[EXERCISE PROMPT]:
Copy each line from the entries that the word "direction" appears in.

[DATASET]:

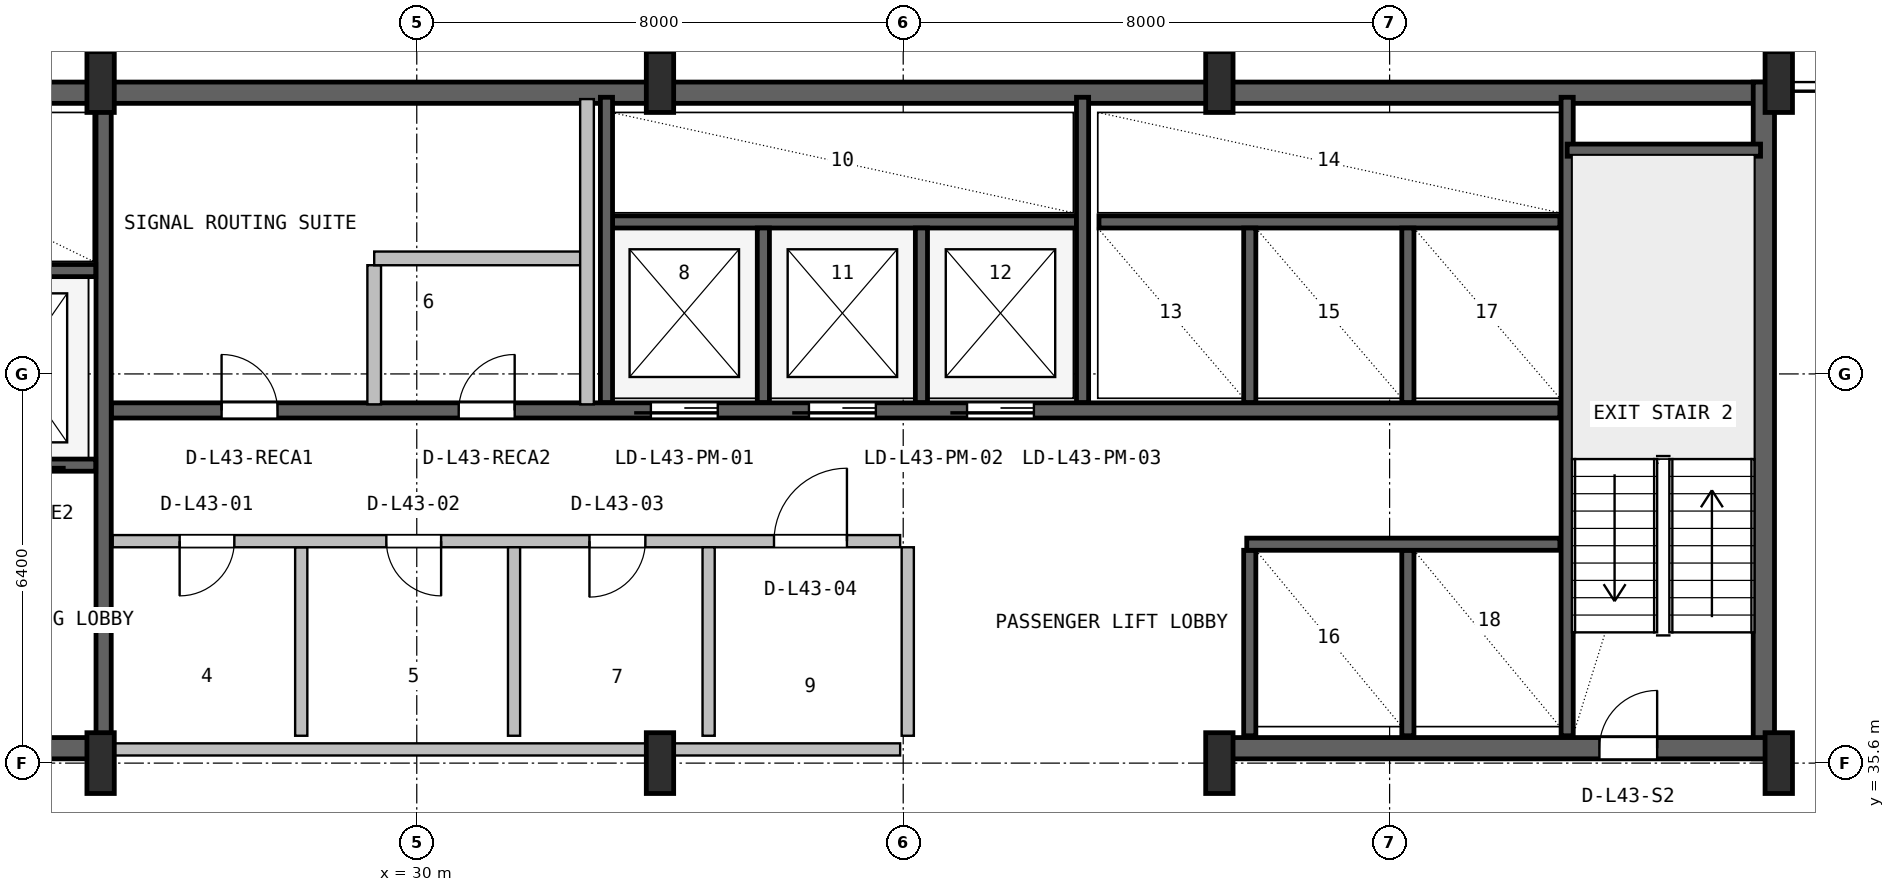
"""IFC4 building model, lengths in metres.
Left out: names, types, materials, properties, quantities, classifications, styles, units other than length and angle.
Written with IfcOpenShell. Run it as: python <this file> out.ifc"""

import sys

from ifc_helpers import new_model, si_unit, direction, frame, frame_2d, origin, origin_2d, place, context, subcontext, project, spatial, rectangle, i_section, extrude, source, transform, mapped, element, fill, save


model = new_model("IFC4")
c1 = context("Model", 3, precision=1e-05, world=origin(), true_north=direction((0.0, 1.0)))
c2 = subcontext(c1, "Body", "Model", "MODEL_VIEW")
j1 = project(units=[si_unit("LENGTHUNIT", "METRE"), si_unit("PLANEANGLEUNIT", "RADIAN")], contexts=[c1])
p1 = place(None, origin())
s1 = spatial("IfcSite", under=j1, at=p1, CompositionType="ELEMENT")
p2 = place(p1, origin())
s2 = spatial("IfcBuilding", under=s1, at=p2, CompositionType="ELEMENT")
p3 = place(p2, frame((0.0, 0.0, 176.2)))
s3 = spatial("IfcBuildingStorey", under=s2, at=p3, CompositionType="ELEMENT", Elevation=176.2)
p4 = place(p3, frame((15.6, 46.625, 0.0), z_axis=(0.0, 0.0, 1.0), x_axis=(1.0, 0.0, 0.0)))
e1 = element("IfcWall", 1, at=p4, inside=s3, PredefinedType="SHEAR", context=c2, shape_type="SweptSolid", body=[
    extrude(rectangle(XDim=36.8, YDim=0.35, at=frame_2d((18.4, 0.0))), origin(), (0.0, 0.0, 1.0), 3.55),
])
p5 = place(p3, frame((52.155, 35.67, 0.0), z_axis=(0.0, 0.0, 1.0), x_axis=(0.0, 1.0, 0.0)))
e2 = element("IfcWall", 2, at=p5, inside=s3, PredefinedType="SHEAR", context=c2, shape_type="SweptSolid", body=[
    extrude(rectangle(XDim=11.13, YDim=0.35, at=frame_2d((5.565, 0.0))), origin(), (0.0, 0.0, 1.0), 3.55),
])
p6 = place(p3, frame((15.67, 35.845, 0.0), z_axis=(0.0, 0.0, 1.0), x_axis=(1.0, 0.0, 0.0)))
e3 = element("IfcWall", 3, at=p6, inside=s3, PredefinedType="SHEAR", context=c2, shape_type="SweptSolid", body=[
    extrude(rectangle(XDim=9.13, YDim=0.35, at=frame_2d((4.565, 0.0))), origin(), (0.0, 0.0, 1.0), 3.55),
])
p7 = place(p6, frame((5.4, 0.0, 0.0)))
e4 = element("IfcOpeningElement", 4, at=p7, cuts=e3, PredefinedType="OPENING", context=c2, shape_type="SweptSolid", body=[
    extrude(rectangle(XDim=1.0, YDim=2.1, at=frame_2d((0.5, 1.05))), frame((0.0, 0.185, 0.0), z_axis=(0.0, -1.0, 0.0), x_axis=(1.0, 0.0, 0.0)), (0.0, 0.0, 1.0), 0.37),
])
p8 = place(p3, frame((43.2, 35.845, 0.0), z_axis=(0.0, 0.0, 1.0), x_axis=(1.0, 0.0, 0.0)))
e5 = element("IfcWall", 5, at=p8, inside=s3, PredefinedType="SHEAR", context=c2, shape_type="SweptSolid", body=[
    extrude(rectangle(XDim=9.13, YDim=0.35, at=frame_2d((4.565, 0.0))), origin(), (0.0, 0.0, 1.0), 3.55),
])
p9 = place(p8, frame((6.25, 0.0, 0.0)))
e6 = element("IfcOpeningElement", 6, at=p9, cuts=e5, PredefinedType="OPENING", context=c2, shape_type="SweptSolid", body=[
    extrude(rectangle(XDim=0.95, YDim=2.1, at=frame_2d((0.475, 1.05))), frame((0.0, 0.185, 0.0), z_axis=(0.0, -1.0, 0.0), x_axis=(1.0, 0.0, 0.0)), (0.0, 0.0, 1.0), 0.37),
])
m1 = source(origin(), c2, "Body", "SweptSolid", [
    extrude(i_section(OverallWidth=0.45, OverallDepth=1.0, WebThickness=0.016, FlangeThickness=0.03, FilletRadius=0.016, at=origin_2d()), origin(), (0.0, 0.0, 1.0), 3.8),
])
for number, where, z_axis, x_axis in (
    (7, (24.8, 35.6, 0.0), (0.0, 0.0, 1.0), (1.0, 0.0, 0.0)),
    (8, (24.8, 46.8, 0.0), (0.0, 0.0, 1.0), (1.0, 0.0, 0.0)),
    (9, (34.0, 35.6, 0.0), (0.0, 0.0, 1.0), (1.0, 0.0, 0.0)),
    (10, (34.0, 46.8, 0.0), (0.0, 0.0, 1.0), (1.0, 0.0, 0.0)),
    (11, (43.2, 35.6, 0.0), (0.0, 0.0, 1.0), (1.0, 0.0, 0.0)),
    (12, (43.2, 46.8, 0.0), (0.0, 0.0, 1.0), (1.0, 0.0, 0.0)),
    (13, (52.4, 35.6, 0.0), (0.0, 0.0, 1.0), (1.0, 0.0, 0.0)),
    (14, (52.4, 46.8, 0.0), (0.0, 0.0, 1.0), (1.0, 0.0, 0.0)),
):
    element("IfcColumn", number, at=place(p3, frame(where, z_axis=z_axis, x_axis=x_axis)), inside=s3, PredefinedType="COLUMN", context=c2, shape_type="MappedRepresentation", body=[
        mapped(m1, transform((0.0, 0.0, 0.0), x_axis=(1.0, 0.0, 0.0), y_axis=(0.0, 1.0, 0.0), z_axis=(0.0, 0.0, 1.0), scale=1.0)),
    ])
p10 = place(p3, frame((24.85, 36.05, 0.0), z_axis=(0.0, 0.0, 1.0), x_axis=(0.0, 1.0, 0.0)))
e15 = element("IfcWall", 15, at=p10, inside=s3, PredefinedType="SHEAR", context=c2, shape_type="SweptSolid", body=[
    extrude(rectangle(XDim=10.45, YDim=0.25, at=frame_2d((5.225, 0.0))), origin(), (0.0, 0.0, 1.0), 3.55),
])
p11 = place(p3, frame((19.2, 40.5, 0.0), z_axis=(0.0, 0.0, 1.0), x_axis=(1.0, 0.0, 0.0)))
e16 = element("IfcWall", 16, at=p11, inside=s3, PredefinedType="SHEAR", context=c2, shape_type="SweptSolid", body=[
    extrude(rectangle(XDim=5.52, YDim=0.2, at=frame_2d((2.76, 0.0))), origin(), (0.0, 0.0, 1.0), 3.55),
])
p12 = place(p11, frame((1.05, 0.0, 0.0)))
e17 = element("IfcOpeningElement", 17, at=p12, cuts=e16, PredefinedType="OPENING", context=c2, shape_type="SweptSolid", body=[
    extrude(rectangle(XDim=1.1, YDim=2.18, at=frame_2d((0.55, 1.09))), frame((0.0, 0.11, 0.0), z_axis=(0.0, -1.0, 0.0), x_axis=(1.0, 0.0, 0.0)), (0.0, 0.0, 1.0), 0.22),
])
p13 = place(p11, frame((3.65, 0.0, 0.0)))
e18 = element("IfcOpeningElement", 18, at=p13, cuts=e16, PredefinedType="OPENING", context=c2, shape_type="SweptSolid", body=[
    extrude(rectangle(XDim=1.1, YDim=2.18, at=frame_2d((0.55, 1.09))), frame((0.0, 0.11, 0.0), z_axis=(0.0, -1.0, 0.0), x_axis=(1.0, 0.0, 0.0)), (0.0, 0.0, 1.0), 0.22),
])
p14 = place(p3, frame((19.2, 43.7, 0.0), z_axis=(0.0, 0.0, 1.0), x_axis=(1.0, 0.0, 0.0)))
e19 = element("IfcWall", 19, at=p14, inside=s3, PredefinedType="SHEAR", context=c2, shape_type="SweptSolid", body=[
    extrude(rectangle(XDim=5.52, YDim=0.2, at=frame_2d((2.76, 0.0))), origin(), (0.0, 0.0, 1.0), 3.55),
])
p15 = place(p3, frame((48.92, 36.05, 0.0), z_axis=(0.0, 0.0, 1.0), x_axis=(0.0, 1.0, 0.0)))
e20 = element("IfcWall", 20, at=p15, inside=s3, PredefinedType="SHEAR", context=c2, shape_type="SweptSolid", body=[
    extrude(rectangle(XDim=10.5, YDim=0.2, at=frame_2d((5.25, 0.0))), origin(), (0.0, 0.0, 1.0), 3.55),
])
p16 = place(p3, frame((48.92, 45.68, 0.0), z_axis=(0.0, 0.0, 1.0), x_axis=(1.0, 0.0, 0.0)))
e21 = element("IfcWall", 21, at=p16, inside=s3, PredefinedType="SHEAR", context=c2, shape_type="SweptSolid", body=[
    extrude(rectangle(XDim=3.18, YDim=0.2, at=frame_2d((1.59, 0.0))), origin(), (0.0, 0.0, 1.0), 3.55),
])
p17 = place(p3, frame((24.98, 41.4, 0.0), z_axis=(0.0, 0.0, 1.0), x_axis=(1.0, 0.0, 0.0)))
e22 = element("IfcWall", 22, at=p17, inside=s3, PredefinedType="SHEAR", context=c2, shape_type="SweptSolid", body=[
    extrude(rectangle(XDim=23.82, YDim=0.25, at=frame_2d((11.91, 0.0))), origin(), (0.0, 0.0, 1.0), 3.55),
])
p18 = place(p17, frame((8.87, 0.0, 0.0)))
e23 = element("IfcOpeningElement", 23, at=p18, cuts=e22, PredefinedType="OPENING", context=c2, shape_type="SweptSolid", body=[
    extrude(rectangle(XDim=1.1, YDim=2.18, at=frame_2d((0.55, 1.09))), frame((0.0, 0.135, 0.0), z_axis=(0.0, -1.0, 0.0), x_axis=(1.0, 0.0, 0.0)), (0.0, 0.0, 1.0), 0.27),
])
p19 = place(p17, frame((11.47, 0.0, 0.0)))
e24 = element("IfcOpeningElement", 24, at=p19, cuts=e22, PredefinedType="OPENING", context=c2, shape_type="SweptSolid", body=[
    extrude(rectangle(XDim=1.1, YDim=2.18, at=frame_2d((0.55, 1.09))), frame((0.0, 0.135, 0.0), z_axis=(0.0, -1.0, 0.0), x_axis=(1.0, 0.0, 0.0)), (0.0, 0.0, 1.0), 0.27),
])
p20 = place(p17, frame((14.07, 0.0, 0.0)))
e25 = element("IfcOpeningElement", 25, at=p20, cuts=e22, PredefinedType="OPENING", context=c2, shape_type="SweptSolid", body=[
    extrude(rectangle(XDim=1.1, YDim=2.18, at=frame_2d((0.55, 1.09))), frame((0.0, 0.135, 0.0), z_axis=(0.0, -1.0, 0.0), x_axis=(1.0, 0.0, 0.0)), (0.0, 0.0, 1.0), 0.27),
])
p21 = place(p17, frame((1.81, 0.0, 0.0)))
e26 = element("IfcOpeningElement", 26, at=p21, cuts=e22, PredefinedType="OPENING", context=c2, shape_type="SweptSolid", body=[
    extrude(rectangle(XDim=0.92, YDim=2.08, at=frame_2d((0.46, 1.04))), frame((0.0, 0.135, 0.0), z_axis=(0.0, -1.0, 0.0), x_axis=(1.0, 0.0, 0.0)), (0.0, 0.0, 1.0), 0.27),
])
p22 = place(p17, frame((5.71, 0.0, 0.0)))
e27 = element("IfcOpeningElement", 27, at=p22, cuts=e22, PredefinedType="OPENING", context=c2, shape_type="SweptSolid", body=[
    extrude(rectangle(XDim=0.92, YDim=2.08, at=frame_2d((0.46, 1.04))), frame((0.0, 0.135, 0.0), z_axis=(0.0, -1.0, 0.0), x_axis=(1.0, 0.0, 0.0)), (0.0, 0.0, 1.0), 0.27),
])
p23 = place(p3, frame((33.22, 44.5, 0.0), z_axis=(0.0, 0.0, 1.0), x_axis=(1.0, 0.0, 0.0)))
e28 = element("IfcWall", 28, at=p23, inside=s3, PredefinedType="SHEAR", context=c2, shape_type="SweptSolid", body=[
    extrude(rectangle(XDim=7.63, YDim=0.2, at=frame_2d((3.815, 0.0))), origin(), (0.0, 0.0, 1.0), 3.55),
])
p24 = place(p3, frame((33.12, 41.53, 0.0), z_axis=(0.0, 0.0, 1.0), x_axis=(0.0, 1.0, 0.0)))
e29 = element("IfcWall", 29, at=p24, inside=s3, PredefinedType="SHEAR", context=c2, shape_type="SweptSolid", body=[
    extrude(rectangle(XDim=5.02, YDim=0.2, at=frame_2d((2.51, 0.0))), origin(), (0.0, 0.0, 1.0), 3.55),
])
for number, where, z_axis, x_axis in (
    (30, (35.7, 41.53, 0.0), (0.0, 0.0, 1.0), (0.0, 1.0, 0.0)),
    (31, (38.3, 41.53, 0.0), (0.0, 0.0, 1.0), (0.0, 1.0, 0.0)),
):
    element("IfcWall", number, at=place(p3, frame(where, z_axis=z_axis, x_axis=x_axis)), inside=s3, PredefinedType="SHEAR", context=c2, shape_type="SweptSolid", body=[
        extrude(rectangle(XDim=2.87, YDim=0.2, at=frame_2d((1.435, 0.0))), origin(), (0.0, 0.0, 1.0), 3.55),
    ])
p25 = place(p3, frame((40.95, 41.53, 0.0), z_axis=(0.0, 0.0, 1.0), x_axis=(0.0, 1.0, 0.0)))
e32 = element("IfcWall", 32, at=p25, inside=s3, PredefinedType="SHEAR", context=c2, shape_type="SweptSolid", body=[
    extrude(rectangle(XDim=5.02, YDim=0.2, at=frame_2d((2.51, 0.0))), origin(), (0.0, 0.0, 1.0), 3.55),
])
p26 = place(p3, frame((41.22, 44.5, 0.0), z_axis=(0.0, 0.0, 1.0), x_axis=(1.0, 0.0, 0.0)))
e33 = element("IfcWall", 33, at=p26, inside=s3, PredefinedType="SHEAR", context=c2, shape_type="SweptSolid", body=[
    extrude(rectangle(XDim=7.58, YDim=0.2, at=frame_2d((3.79, 0.0))), origin(), (0.0, 0.0, 1.0), 3.55),
])
for number, where, z_axis, x_axis in (
    (34, (43.7, 41.53, 0.0), (0.0, 0.0, 1.0), (0.0, 1.0, 0.0)),
    (35, (46.3, 41.53, 0.0), (0.0, 0.0, 1.0), (0.0, 1.0, 0.0)),
):
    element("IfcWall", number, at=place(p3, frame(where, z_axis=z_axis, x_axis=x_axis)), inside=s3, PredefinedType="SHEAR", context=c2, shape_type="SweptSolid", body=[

[ANSWER SECTION]:
from ifc_helpers import new_model, si_unit, direction, frame, frame_2d, origin, origin_2d, place, context, subcontext, project, spatial, rectangle, i_section, extrude, source, transform, mapped, element, fill, save
c1 = context("Model", 3, precision=1e-05, world=origin(), true_north=direction((0.0, 1.0)))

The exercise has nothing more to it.